(Records excerpted from a collection)
________________________________________

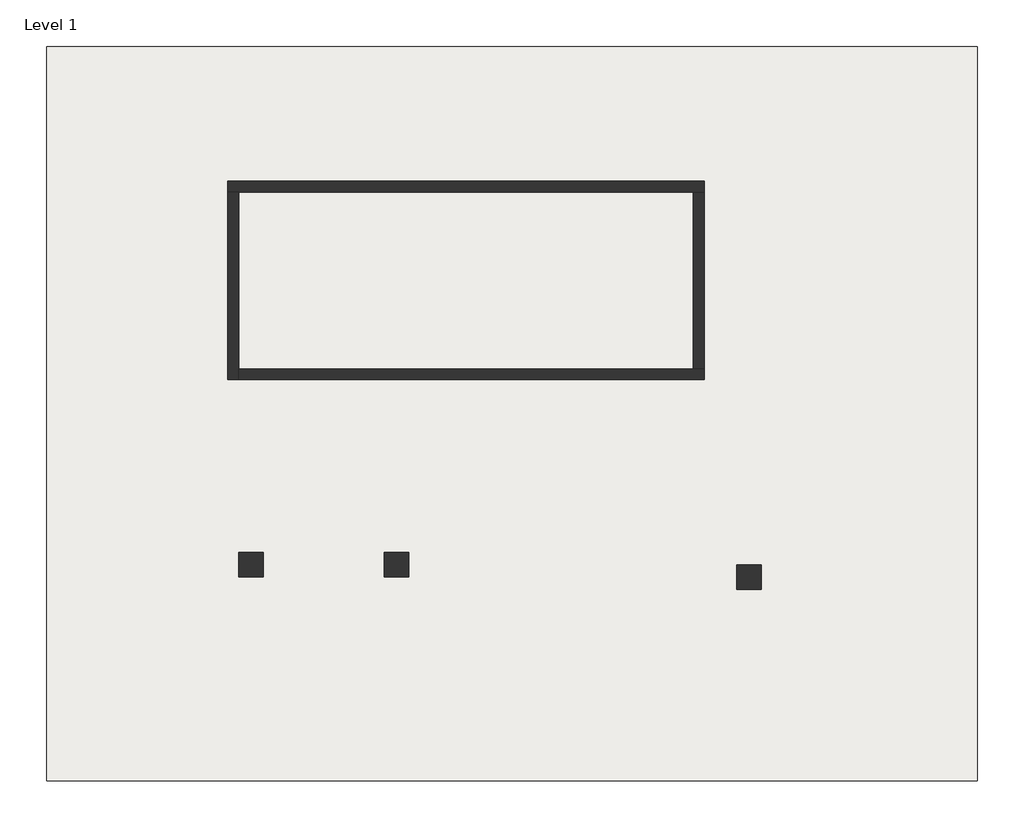
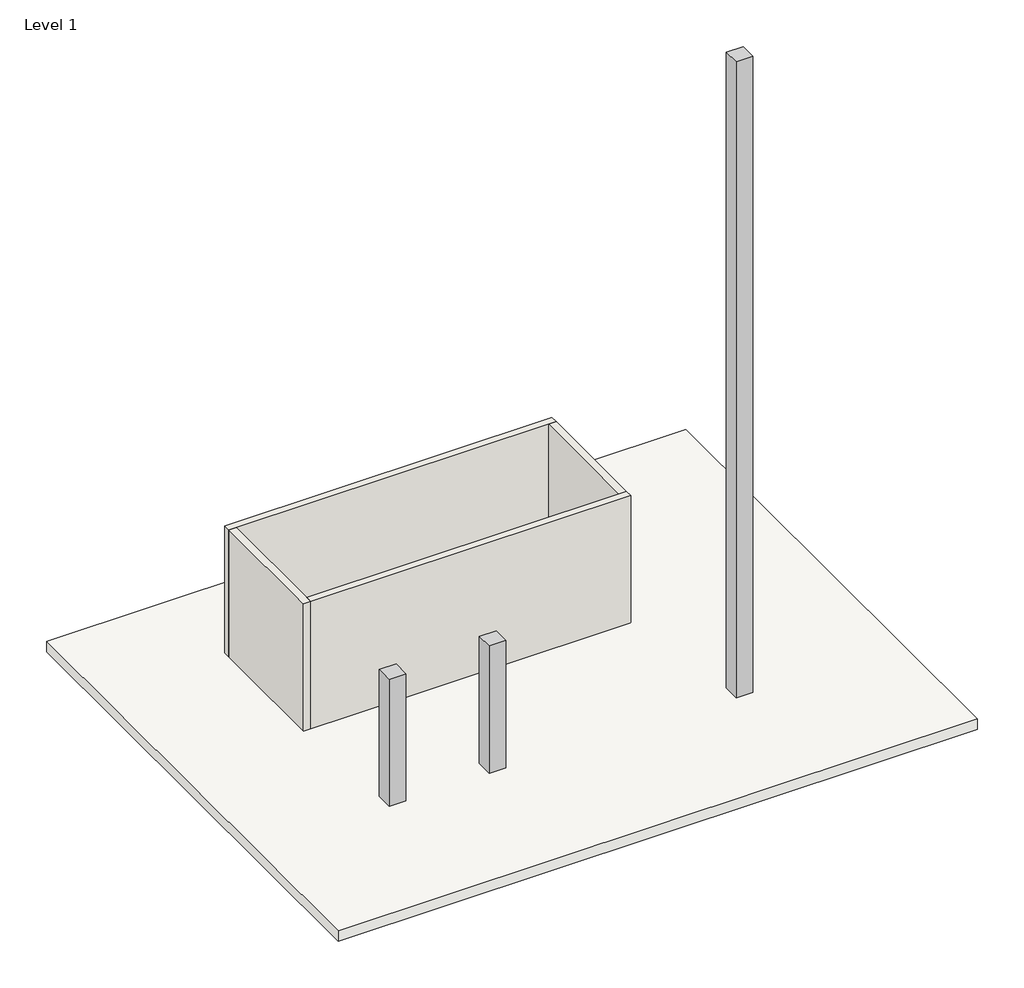
# One storey: 4 walls, 3 columns, 1 slab.
"""IFC4 building model written with IfcOpenShell, lengths in millimetres."""

from ifc_helpers import new_model, si_unit, frame, origin, origin_with_axes, place, context, project, spatial, polyline, outline, extrude, faceted_brep, transform, mapped, element, save
from components import column_ce396696

model = new_model("IFC4")

# Units and contexts
model_context = context("Model", 3, world=origin())
ifc_project = project(units=[si_unit("LENGTHUNIT", "METRE", prefix="MILLI")], contexts=[model_context])

# Site, building, storey
site = spatial("IfcSite", under=ifc_project)
building = spatial("IfcBuilding", under=site)
storey = spatial("IfcBuildingStorey", under=building, Name="Level 1", Elevation=0.0)

# Columns
placement = place(None, origin())
element("IfcColumn", 1, ObjectType="Rectangular Column : 18\" x 18\"", at=placement, inside=storey, context=model_context, shape_type="SweptSolid", body=[
    extrude(outline(polyline([(-3589.1492777, 3617.6297737), (-3589.1492777, 3160.4297737), (-4046.3492777, 3160.4297737), (-4046.3492777, 3617.6297737), (-3589.1492777, 3617.6297737)])), origin_with_axes(), (0.0, 0.0, 1.0), 18288.0),
])
column_shape = column_ce396696(model_context)
element("IfcColumn", 2, ObjectType="Rectangular Column : 18\" x 18\"", at=placement, inside=storey, context=model_context, shape_type="MappedRepresentation", body=[
    mapped(column_shape, transform((-10396.3492777, 3617.6297737, 0.0), x_axis=(1.0, 0.0, 0.0), y_axis=(0.0, 1.0, 0.0), z_axis=(0.0, 0.0, 1.0))),
])
element("IfcColumn", 3, ObjectType="Rectangular Column : 18\" x 18\"", at=placement, inside=storey, context=model_context, shape_type="MappedRepresentation", body=[
    mapped(column_shape, transform((-13114.1492777, 3617.6297737, 0.0), x_axis=(1.0, 0.0, 0.0), y_axis=(0.0, 1.0, 0.0), z_axis=(0.0, 0.0, 1.0))),
])

# Slab
element("IfcSlab", 4, ObjectType="Generic - 12\"", at=placement, inside=storey, context=model_context, shape_type="SweptSolid", body=[
    extrude(outline(polyline([(442.3947155, 13293.9108811), (442.3947155, -422.0891189), (-16931.2052845, -422.0891189), (-16931.2052845, 13293.9108811), (442.3947155, 13293.9108811)])), frame((0.0, 0.0, -304.8), z_axis=(0.0, 0.0, 1.0), x_axis=(1.0, 0.0, 0.0)), (0.0, 0.0, 1.0), 304.8),
])

# Walls
element("IfcWall", 5, ObjectType="Generic - 8\"", at=placement, inside=storey, context=model_context, shape_type="Brep", body=[
    faceted_brep([(-13545.9492777, 10577.2297737, 0.0), (-13342.7492777, 10577.2297737, 0.0), (-4859.1492777, 10577.2297737, 0.0), (-4655.9492777, 10577.2297737, 0.0), (-4655.9492777, 10577.2297737, 3657.6), (-4859.1492777, 10577.2297737, 3657.6), (-13342.7492777, 10577.2297737, 3657.6), (-13545.9492777, 10577.2297737, 3657.6), (-13545.9492777, 10780.4297737, 0.0), (-13545.9492777, 10780.4297737, 3657.6), (-4655.9492777, 10780.4297737, 3657.6), (-4655.9492777, 10780.4297737, 0.0)], [[[0, 1, 2, 3, 4, 5, 6, 7]], [[8, 9, 10, 11]], [[3, 2, 1, 0, 8, 11]], [[7, 6, 5, 4, 10, 9]], [[0, 7, 9, 8]], [[4, 3, 11, 10]]]),
])
element("IfcWall", 6, ObjectType="Generic - 8\"", at=placement, inside=storey, context=model_context, shape_type="Brep", body=[
    faceted_brep([(-13545.9492777, 10577.2297737, 0.0), (-13545.9492777, 7072.0297737, 0.0), (-13545.9492777, 7072.0297737, 3657.6), (-13545.9492777, 10577.2297737, 3657.6), (-13342.7492777, 10577.2297737, 0.0), (-13342.7492777, 10577.2297737, 3657.6), (-13342.7492777, 7275.2297737, 3657.6), (-13342.7492777, 7072.0297737, 3657.6), (-13342.7492777, 7072.0297737, 0.0), (-13342.7492777, 7275.2297737, 0.0)], [[[0, 1, 2, 3]], [[4, 5, 6, 7, 8, 9]], [[1, 0, 4, 9, 8]], [[3, 2, 7, 6, 5]], [[0, 3, 5, 4]], [[2, 1, 8, 7]]]),
])
element("IfcWall", 7, ObjectType="Generic - 8\"", at=placement, inside=storey, context=model_context, shape_type="Brep", body=[
    faceted_brep([(-13342.7492777, 7072.0297737, 0.0), (-4655.9492777, 7072.0297737, 0.0), (-4655.9492777, 7072.0297737, 3657.6), (-13342.7492777, 7072.0297737, 3657.6), (-13342.7492777, 7275.2297737, 0.0), (-13342.7492777, 7275.2297737, 3657.6), (-4859.1492777, 7275.2297737, 3657.6), (-4655.9492777, 7275.2297737, 3657.6), (-4655.9492777, 7275.2297737, 0.0), (-4859.1492777, 7275.2297737, 0.0)], [[[0, 1, 2, 3]], [[4, 5, 6, 7, 8, 9]], [[1, 0, 4, 9, 8]], [[3, 2, 7, 6, 5]], [[0, 3, 5, 4]], [[2, 1, 8, 7]]]),
])
element("IfcWall", 8, ObjectType="Generic - 8\"", at=placement, inside=storey, context=model_context, shape_type="SweptSolid", body=[
    extrude(outline(polyline([(-4655.9492777, 10577.2297737), (-4655.9492777, 7275.2297737), (-4859.1492777, 7275.2297737), (-4859.1492777, 10577.2297737), (-4655.9492777, 10577.2297737)])), origin_with_axes(), (0.0, 0.0, 1.0), 3657.6),
])

save(model, "model.ifc")

# Revit data of these elements
# Type "Rectangular Column : 18\" x 18\""
#   Assembly Code = "B1010200"
#   Depth = 1' - 6"
#   Offset Base = 0' - 0"
#   Offset Top = 0' - 0"
#   Width = 1' - 6"
#   Material = none
# Type "Generic - 12\""
#   Assembly Code = "B1010"
#   Function = 0
#   Layers, outside or top first: 1' - 0" no material (function 1)
# Type "Generic - 8\""
#   Assembly Code = "B2010"
#   Layers, outside or top first: 0' - 8" no material (function 1)
# Elements 1, 2, 3 (IfcColumn, "Rectangular Column : 18\" x 18\"")
#   Phase Created = New Construction
# Element 4 (IfcSlab, "Generic - 12\"")
#   Height Offset From Level = 0' - 0"
#   Phase Created = New Construction
#   Materials on its faces: "Default Floor"
# Elements 5, 6, 7, 8 (IfcWall, "Generic - 8\"")
#   Top Offset = 0' - 0"
#   Base Offset = 0' - 0"
#   Unconnected Height = 12' - 0"
#   wall height = 12' - 0"
#   Phase Created = New Construction
#   Base Constraint = Level 1
#   Materials on its faces: "Default Wall"
# Materials
#   "Default Floor": colour RGB 128 128 128, transparency 0
#   "Default Wall": colour RGB 128 128 128, transparency 0

________________________________________

§ What you are asked to do
After dropping the pictures, reproduce exactly the lines from the first line of the entries through the line containing "from components import column_ce396696", both included.

§ Answer section
# One storey: 4 walls, 3 columns, 1 slab.
"""IFC4 building model written with IfcOpenShell, lengths in millimetres."""

from ifc_helpers import new_model, si_unit, frame, origin, origin_with_axes, place, context, project, spatial, polyline, outline, extrude, faceted_brep, transform, mapped, element, save
from components import column_ce396696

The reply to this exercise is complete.